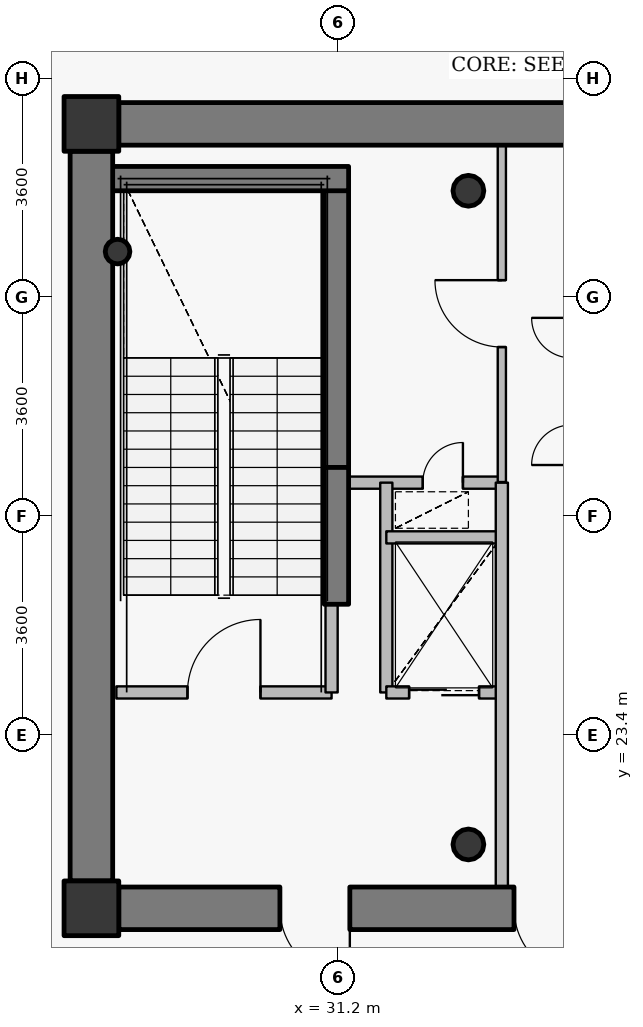
"""IFC4 building model, lengths in metres.
Left out: names, types, materials, properties, quantities, classifications, styles, units other than length and angle.
Written with IfcOpenShell. Run it as: python <this file> out.ifc"""

import sys

from ifc_helpers import new_model, si_unit, direction, frame, frame_2d, origin, origin_2d, place, context, subcontext, project, spatial, rectangle, hollow_circle, extrude, source, transform, mapped, element, fill, save


model = new_model("IFC4")
c1 = context("Model", 3, precision=1e-05, world=origin(), true_north=direction((0.0, 1.0)))
c2 = subcontext(c1, "Body", "Model", "MODEL_VIEW")
j1 = project(units=[si_unit("LENGTHUNIT", "METRE"), si_unit("PLANEANGLEUNIT", "RADIAN")], contexts=[c1])
p1 = place(None, origin())
s1 = spatial("IfcSite", under=j1, at=p1, CompositionType="ELEMENT")
p2 = place(p1, origin())
s2 = spatial("IfcBuilding", under=s1, at=p2, CompositionType="ELEMENT")
p3 = place(p2, frame((0.0, 0.0, 359.4)))
s3 = spatial("IfcBuildingStorey", under=s2, at=p3, CompositionType="ELEMENT", Elevation=359.4)
for number, where, z_axis, x_axis in (
    (1, (27.15, 20.55, 0.0), (0.0, 0.0, 1.0), (1.0, 0.0, 0.0)),
    (2, (27.15, 33.45, 0.0), (0.0, 0.0, 1.0), (1.0, 0.0, 0.0)),
):
    element("IfcColumn", number, at=place(p3, frame(where, z_axis=z_axis, x_axis=x_axis)), inside=s3, PredefinedType="COLUMN", context=c2, shape_type="SweptSolid", body=[
        extrude(rectangle(XDim=0.9, YDim=0.9, at=origin_2d()), origin(), (0.0, 0.0, 1.0), 4.2),
    ])
for number, where, z_axis, x_axis in (
    (3, (33.35, 21.6, 0.0), (0.0, 0.0, 1.0), (1.0, 0.0, 0.0)),
    (4, (33.35, 32.35, 0.0), (0.0, 0.0, 1.0), (1.0, 0.0, 0.0)),
):
    element("IfcColumn", number, at=place(p3, frame(where, z_axis=z_axis, x_axis=x_axis)), inside=s3, PredefinedType="COLUMN", context=c2, shape_type="SweptSolid", body=[
        extrude(hollow_circle(Radius=0.254, WallThickness=0.02, at=origin_2d()), origin(), (0.0, 0.0, 1.0), 4.2),
    ])
p4 = place(p3, frame((31.18, 27.8, 0.0), z_axis=(0.0, 0.0, 1.0), x_axis=(0.0, 1.0, 0.0)))
e5 = element("IfcWall", 5, at=p4, inside=s3, PredefinedType="SHEAR", context=c2, shape_type="SweptSolid", body=[
    extrude(rectangle(XDim=4.75, YDim=0.4, at=frame_2d((2.375, 0.0))), origin(), (0.0, 0.0, 1.0), 4.2),
])
p5 = place(p3, frame((27.25, 32.55, 0.0), z_axis=(0.0, 0.0, 1.0), x_axis=(1.0, 0.0, 0.0)))
e6 = element("IfcWall", 6, at=p5, inside=s3, PredefinedType="SHEAR", context=c2, shape_type="SweptSolid", body=[
    extrude(rectangle(XDim=4.13, YDim=0.4, at=frame_2d((2.065, 0.0))), origin(), (0.0, 0.0, 1.0), 4.2),
])
p6 = place(p3, frame((27.58, 31.35, 0.0), z_axis=(0.0, 0.0, 1.0), x_axis=(1.0, 0.0, 0.0)))
e7 = element("IfcColumn", 7, at=p6, inside=s3, PredefinedType="COLUMN", context=c2, shape_type="SweptSolid", body=[
    extrude(hollow_circle(Radius=0.203, WallThickness=0.016, at=origin_2d()), origin(), (0.0, 0.0, 1.0), 4.2),
])
p7 = place(p3, frame((27.6, 33.45, 0.0), z_axis=(0.0, 0.0, 1.0), x_axis=(1.0, 0.0, 0.0)))
e8 = element("IfcWall", 8, at=p7, inside=s3, PredefinedType="SHEAR", context=c2, shape_type="SweptSolid", body=[
    extrude(rectangle(XDim=16.8, YDim=0.7, at=frame_2d((8.4, 0.0))), origin(), (0.0, 0.0, 1.0), 3.45),
])
p8 = place(p7, frame((12.85, 0.0, 0.0)))
e9 = element("IfcOpeningElement", 9, at=p8, cuts=e8, PredefinedType="OPENING", context=c2, shape_type="SweptSolid", body=[
    extrude(rectangle(XDim=1.15, YDim=2.15, at=origin_2d()), frame((0.575, 0.36, 1.075), z_axis=(0.0, -1.0, 0.0), x_axis=(1.0, 0.0, 0.0)), (0.0, 0.0, 1.0), 0.72),
])
p9 = place(p3, frame((44.4, 20.55, 0.0), z_axis=(0.0, 0.0, 1.0), x_axis=(-1.0, 0.0, 0.0)))
e10 = element("IfcWall", 10, at=p9, inside=s3, PredefinedType="SHEAR", context=c2, shape_type="SweptSolid", body=[
    extrude(rectangle(XDim=16.8, YDim=0.7, at=frame_2d((8.4, 0.0))), origin(), (0.0, 0.0, 1.0), 3.45),
])
p10 = place(p9, frame((13.0, 0.0, 0.0)))
e11 = element("IfcOpeningElement", 11, at=p10, cuts=e10, PredefinedType="OPENING", context=c2, shape_type="SweptSolid", body=[
    extrude(rectangle(XDim=1.15, YDim=2.15, at=origin_2d()), frame((0.575, 0.36, 1.075), z_axis=(0.0, -1.0, 0.0), x_axis=(1.0, 0.0, 0.0)), (0.0, 0.0, 1.0), 0.72),
])
p11 = place(p9, frame((9.15, 0.0, 0.0)))
e12 = element("IfcOpeningElement", 12, at=p11, cuts=e10, PredefinedType="OPENING", context=c2, shape_type="SweptSolid", body=[
    extrude(rectangle(XDim=1.15, YDim=2.15, at=origin_2d()), frame((0.575, 0.36, 1.075), z_axis=(0.0, -1.0, 0.0), x_axis=(1.0, 0.0, 0.0)), (0.0, 0.0, 1.0), 0.72),
])
p12 = place(p3, frame((27.15, 21.0, 0.0), z_axis=(0.0, 0.0, 1.0), x_axis=(0.0, 1.0, 0.0)))
e13 = element("IfcWall", 13, at=p12, inside=s3, PredefinedType="SHEAR", context=c2, shape_type="SweptSolid", body=[
    extrude(rectangle(XDim=12.0, YDim=0.7, at=frame_2d((6.0, 0.0))), origin(), (0.0, 0.0, 1.0), 3.45),
])
p13 = place(p3, frame((31.18, 25.55, 0.0), z_axis=(0.0, 0.0, 1.0), x_axis=(0.0, 1.0, 0.0)))
e14 = element("IfcWall", 14, at=p13, inside=s3, PredefinedType="SHEAR", context=c2, shape_type="SweptSolid", body=[
    extrude(rectangle(XDim=2.25, YDim=0.4, at=frame_2d((1.125, 0.0))), origin(), (0.0, 0.0, 1.0), 3.5),
])
p14 = place(p3, frame((27.56, 24.1, 0.0), z_axis=(0.0, 0.0, 1.0), x_axis=(1.0, 0.0, 0.0)))
e15 = element("IfcWall", 15, at=p14, inside=s3, PredefinedType="PARTITIONING", context=c2, shape_type="SweptSolid", body=[
    extrude(rectangle(XDim=3.54, YDim=0.2, at=frame_2d((1.77, 0.0))), origin(), (0.0, 0.0, 1.0), 3.9),
])
p15 = place(p14, frame((1.17, 0.0, 0.0)))
e16 = element("IfcOpeningElement", 16, at=p15, cuts=e15, PredefinedType="OPENING", context=c2, shape_type="SweptSolid", body=[
    extrude(rectangle(XDim=1.2, YDim=2.15, at=origin_2d()), frame((0.6, 0.11, 1.075), z_axis=(0.0, -1.0, 0.0), x_axis=(1.0, 0.0, 0.0)), (0.0, 0.0, 1.0), 0.22),
])
p16 = place(p3, frame((31.1, 24.1, 0.0), z_axis=(0.0, 0.0, 1.0), x_axis=(0.0, 1.0, 0.0)))
e17 = element("IfcWall", 17, at=p16, inside=s3, PredefinedType="PARTITIONING", context=c2, shape_type="SweptSolid", body=[
    extrude(rectangle(XDim=1.44, YDim=0.2, at=frame_2d((0.72, 0.0))), origin(), (0.0, 0.0, 1.0), 3.9),
])
p17 = place(p3, frame((31.1, 27.55, 0.0), z_axis=(0.0, 0.0, 1.0), x_axis=(1.0, 0.0, 0.0)))
e18 = element("IfcWall", 18, at=p17, inside=s3, PredefinedType="PARTITIONING", context=c2, shape_type="SweptSolid", body=[
    extrude(rectangle(XDim=2.8, YDim=0.2, at=frame_2d((1.4, 0.0))), origin(), (0.0, 0.0, 1.0), 3.485),
])
p18 = place(p17, frame((1.5, 0.0, 0.0)))
e19 = element("IfcOpeningElement", 19, at=p18, cuts=e18, PredefinedType="OPENING", context=c2, shape_type="SweptSolid", body=[
    extrude(rectangle(XDim=0.66, YDim=2.05, at=origin_2d()), frame((0.33, 0.11, 1.025), z_axis=(0.0, -1.0, 0.0), x_axis=(1.0, 0.0, 0.0)), (0.0, 0.0, 1.0), 0.22),
])
p19 = place(p3, frame((32.0, 24.1, 0.0), z_axis=(0.0, 0.0, 1.0), x_axis=(0.0, 1.0, 0.0)))
e20 = element("IfcWall", 20, at=p19, inside=s3, PredefinedType="PARTITIONING", context=c2, shape_type="SweptSolid", body=[
    extrude(rectangle(XDim=3.45, YDim=0.2, at=frame_2d((1.725, 0.0))), origin(), (0.0, 0.0, 1.0), 3.9),
])
p20 = place(p3, frame((32.0, 24.1, 0.0), z_axis=(0.0, 0.0, 1.0), x_axis=(1.0, 0.0, 0.0)))
e21 = element("IfcWall", 21, at=p20, inside=s3, PredefinedType="PARTITIONING", context=c2, shape_type="SweptSolid", body=[
    extrude(rectangle(XDim=1.9, YDim=0.2, at=frame_2d((0.95, 0.0))), origin(), (0.0, 0.0, 1.0), 3.485),
])
p21 = place(p20, frame((0.375, 0.0, 0.0)))
e22 = element("IfcOpeningElement", 22, at=p21, cuts=e21, PredefinedType="OPENING", context=c2, shape_type="SweptSolid", body=[
    extrude(rectangle(XDim=1.15, YDim=2.15, at=origin_2d()), frame((0.575, 0.11, 1.075), z_axis=(0.0, -1.0, 0.0), x_axis=(1.0, 0.0, 0.0)), (0.0, 0.0, 1.0), 0.22),
])
p22 = place(p3, frame((32.0, 26.65, 0.0), z_axis=(0.0, 0.0, 1.0), x_axis=(1.0, 0.0, 0.0)))
e23 = element("IfcWall", 23, at=p22, inside=s3, PredefinedType="PARTITIONING", context=c2, shape_type="SweptSolid", body=[
    extrude(rectangle(XDim=1.9, YDim=0.2, at=frame_2d((0.95, 0.0))), origin(), (0.0, 0.0, 1.0), 3.485),
])
p23 = place(p3, frame((33.9, 20.9, 0.0), z_axis=(0.0, 0.0, 1.0), x_axis=(0.0, 1.0, 0.0)))
e24 = element("IfcWall", 24, at=p23, inside=s3, PredefinedType="PARTITIONING", context=c2, shape_type="SweptSolid", body=[
    extrude(rectangle(XDim=6.65, YDim=0.2, at=frame_2d((3.325, 0.0))), origin(), (0.0, 0.0, 1.0), 3.485),
])
p24 = place(p3, frame((33.9, 27.56, 0.0), z_axis=(0.0, 0.0, 1.0), x_axis=(0.0, 1.0, 0.0)))
e25 = element("IfcWall", 25, at=p24, inside=s3, PredefinedType="PARTITIONING", context=c2, shape_type="SweptSolid", body=[
    extrude(rectangle(XDim=5.54, YDim=0.135, at=frame_2d((2.77, 0.0))), origin(), (0.0, 0.0, 1.0), 3.485),
])
p25 = place(p24, frame((2.22, 0.0, 0.0)))
e26 = element("IfcOpeningElement", 26, at=p25, cuts=e25, PredefinedType="OPENING", context=c2, shape_type="SweptSolid", body=[
    extrude(rectangle(XDim=1.1, YDim=2.15, at=origin_2d()), frame((0.55, 0.078, 1.075), z_axis=(0.0, -1.0, 0.0), x_axis=(1.0, 0.0, 0.0)), (0.0, 0.0, 1.0), 0.155),
])
p26 = place(p3, frame((27.59, 33.8, 0.0), z_axis=(0.0, 0.0, 1.0), x_axis=(-1.0, 0.0, 0.0)))
e27 = element("IfcWall", 27, at=p26, inside=s3, PredefinedType="PARTITIONING", context=c2, shape_type="SweptSolid", body=[
    extrude(rectangle(XDim=0.79, YDim=0.135, at=frame_2d((0.395, 0.0))), origin(), (0.0, 0.0, 1.0), 2.685),
])
p27 = place(p3, frame((26.8, 33.492, 0.0), z_axis=(0.0, 0.0, 1.0), x_axis=(0.0, -1.0, 0.0)))
e28 = element("IfcWall", 28, at=p27, inside=s3, PredefinedType="PARTITIONING", context=c2, shape_type="SweptSolid", body=[
    extrude(rectangle(XDim=0.482, YDim=0.135, at=frame_2d((0.241, 0.0))), origin(), (0.0, 0.0, 1.0), 3.9),
])
p28 = place(p3, frame((26.8, 20.99, 0.0), z_axis=(0.0, 0.0, 1.0), x_axis=(0.0, -1.0, 0.0)))
e29 = element("IfcWall", 29, at=p28, inside=s3, PredefinedType="PARTITIONING", context=c2, shape_type="SweptSolid", body=[
    extrude(rectangle(XDim=0.79, YDim=0.135, at=frame_2d((0.395, 0.0))), origin(), (0.0, 0.0, 1.0), 2.685),
])
p29 = place(p3, frame((27.107, 20.2, 0.0), z_axis=(0.0, 0.0, 1.0), x_axis=(1.0, 0.0, 0.0)))
e30 = element("IfcWall", 30, at=p29, inside=s3, PredefinedType="PARTITIONING", context=c2, shape_type="SweptSolid", body=[
    extrude(rectangle(XDim=0.483, YDim=0.135, at=frame_2d((0.241, 0.0))), origin(), (0.0, 0.0, 1.0), 2.685),
])
m1 = source(origin(), c2, "Body", "SweptSolid", [
    extrude(rectangle(XDim=1.15, YDim=2.15, at=origin_2d()), frame((0.575, 0.025, 1.075), z_axis=(0.0, -1.0, 0.0), x_axis=(1.0, 0.0, 0.0)), (0.0, 0.0, 1.0), 0.05),
])
p30 = place(p10, origin())
e31 = element("IfcDoor", 31, at=p30, inside=s3, OperationType="SINGLE_SWING_LEFT", PredefinedType="DOOR", context=c2, shape_type="MappedRepresentation", body=[
    mapped(m1, transform((0.0, 0.0, 0.0), x_axis=(1.0, 0.0, 0.0), y_axis=(0.0, 1.0, 0.0), z_axis=(0.0, 0.0, 1.0), scale=1.0)),
])
fill(e11, e31)
p31 = place(p11, origin())
e32 = element("IfcDoor", 32, at=p31, inside=s3, OperationType="SINGLE_SWING_LEFT", PredefinedType="DOOR", context=c2, shape_type="MappedRepresentation", body=[
    mapped(m1, transform((0.0, 0.0, 0.0), x_axis=(1.0, 0.0, 0.0), y_axis=(0.0, 1.0, 0.0), z_axis=(0.0, 0.0, 1.0), scale=1.0)),
])
fill(e12, e32)
m2 = source(origin(), c2, "Body", "SweptSolid", [
    extrude(rectangle(XDim=1.2, YDim=2.15, at=origin_2d()), frame((0.6, 0.025, 1.075), z_axis=(0.0, -1.0, 0.0), x_axis=(1.0, 0.0, 0.0)), (0.0, 0.0, 1.0), 0.05),
])
p32 = place(p15, origin())
e33 = element("IfcDoor", 33, at=p32, inside=s3, OperationType="SINGLE_SWING_RIGHT", PredefinedType="DOOR", context=c2, shape_type="MappedRepresentation", body=[
    mapped(m2, transform((0.0, 0.0, 0.0), x_axis=(1.0, 0.0, 0.0), y_axis=(0.0, 1.0, 0.0), z_axis=(0.0, 0.0, 1.0), scale=1.0)),
])
fill(e16, e33)
m3 = source(origin(), c2, "Body", "SweptSolid", [
    extrude(rectangle(XDim=1.15, YDim=2.15, at=origin_2d()), frame((0.575, 0.025, 1.075), z_axis=(0.0, -1.0, 0.0), x_axis=(1.0, 0.0, 0.0)), (0.0, 0.0, 1.0), 0.05),
])
p33 = place(p21, origin())
e34 = element("IfcDoor", 34, at=p33, inside=s3, OperationType="DOUBLE_DOOR_SLIDING", PredefinedType="USERDEFINED", context=c2, shape_type="MappedRepresentation", body=[
    mapped(m3, transform((0.0, 0.0, 0.0), x_axis=(1.0, 0.0, 0.0), y_axis=(0.0, 1.0, 0.0), z_axis=(0.0, 0.0, 1.0), scale=1.0)),
])
fill(e22, e34)
m4 = source(origin(), c2, "Body", "SweptSolid", [
    extrude(rectangle(XDim=1.1, YDim=2.15, at=origin_2d()), frame((0.55, 0.025, 1.075), z_axis=(0.0, -1.0, 0.0), x_axis=(1.0, 0.0, 0.0)), (0.0, 0.0, 1.0), 0.05),
])
p34 = place(p25, origin())
e35 = element("IfcDoor", 35, at=p34, inside=s3, OperationType="SINGLE_SWING_RIGHT", PredefinedType="DOOR", context=c2, shape_type="MappedRepresentation", body=[
    mapped(m4, transform((0.0, 0.0, 0.0), x_axis=(1.0, 0.0, 0.0), y_axis=(0.0, 1.0, 0.0), z_axis=(0.0, 0.0, 1.0), scale=1.0)),
])
fill(e26, e35)
m5 = source(origin(), c2, "Body", "SweptSolid", [
    extrude(rectangle(XDim=0.66, YDim=2.05, at=origin_2d()), frame((0.33, 0.025, 1.025), z_axis=(0.0, -1.0, 0.0), x_axis=(1.0, 0.0, 0.0)), (0.0, 0.0, 1.0), 0.05),
])
p35 = place(p18, origin())
e36 = element("IfcDoor", 36, at=p35, inside=s3, OperationType="SINGLE_SWING_RIGHT", PredefinedType="USERDEFINED", context=c2, shape_type="MappedRepresentation", body=[
    mapped(m5, transform((0.0, 0.0, 0.0), x_axis=(1.0, 0.0, 0.0), y_axis=(0.0, 1.0, 0.0), z_axis=(0.0, 0.0, 1.0), scale=1.0)),
])
fill(e19, e36)
save(model, sys.argv[1])

> **EXERCISE OBJECTIVE**:
Whenever a line in the entries above includes the word "spatial", pull that line out.

> **RESULT OF THE TASK**:
from ifc_helpers import new_model, si_unit, direction, frame, frame_2d, origin, origin_2d, place, context, subcontext, project, spatial, rectangle, hollow_circle, extrude, source, transform, mapped, element, fill, save
s1 = spatial("IfcSite", under=j1, at=p1, CompositionType="ELEMENT")
s2 = spatial("IfcBuilding", under=s1, at=p2, CompositionType="ELEMENT")
s3 = spatial("IfcBuildingStorey", under=s2, at=p3, CompositionType="ELEMENT", Elevation=359.4)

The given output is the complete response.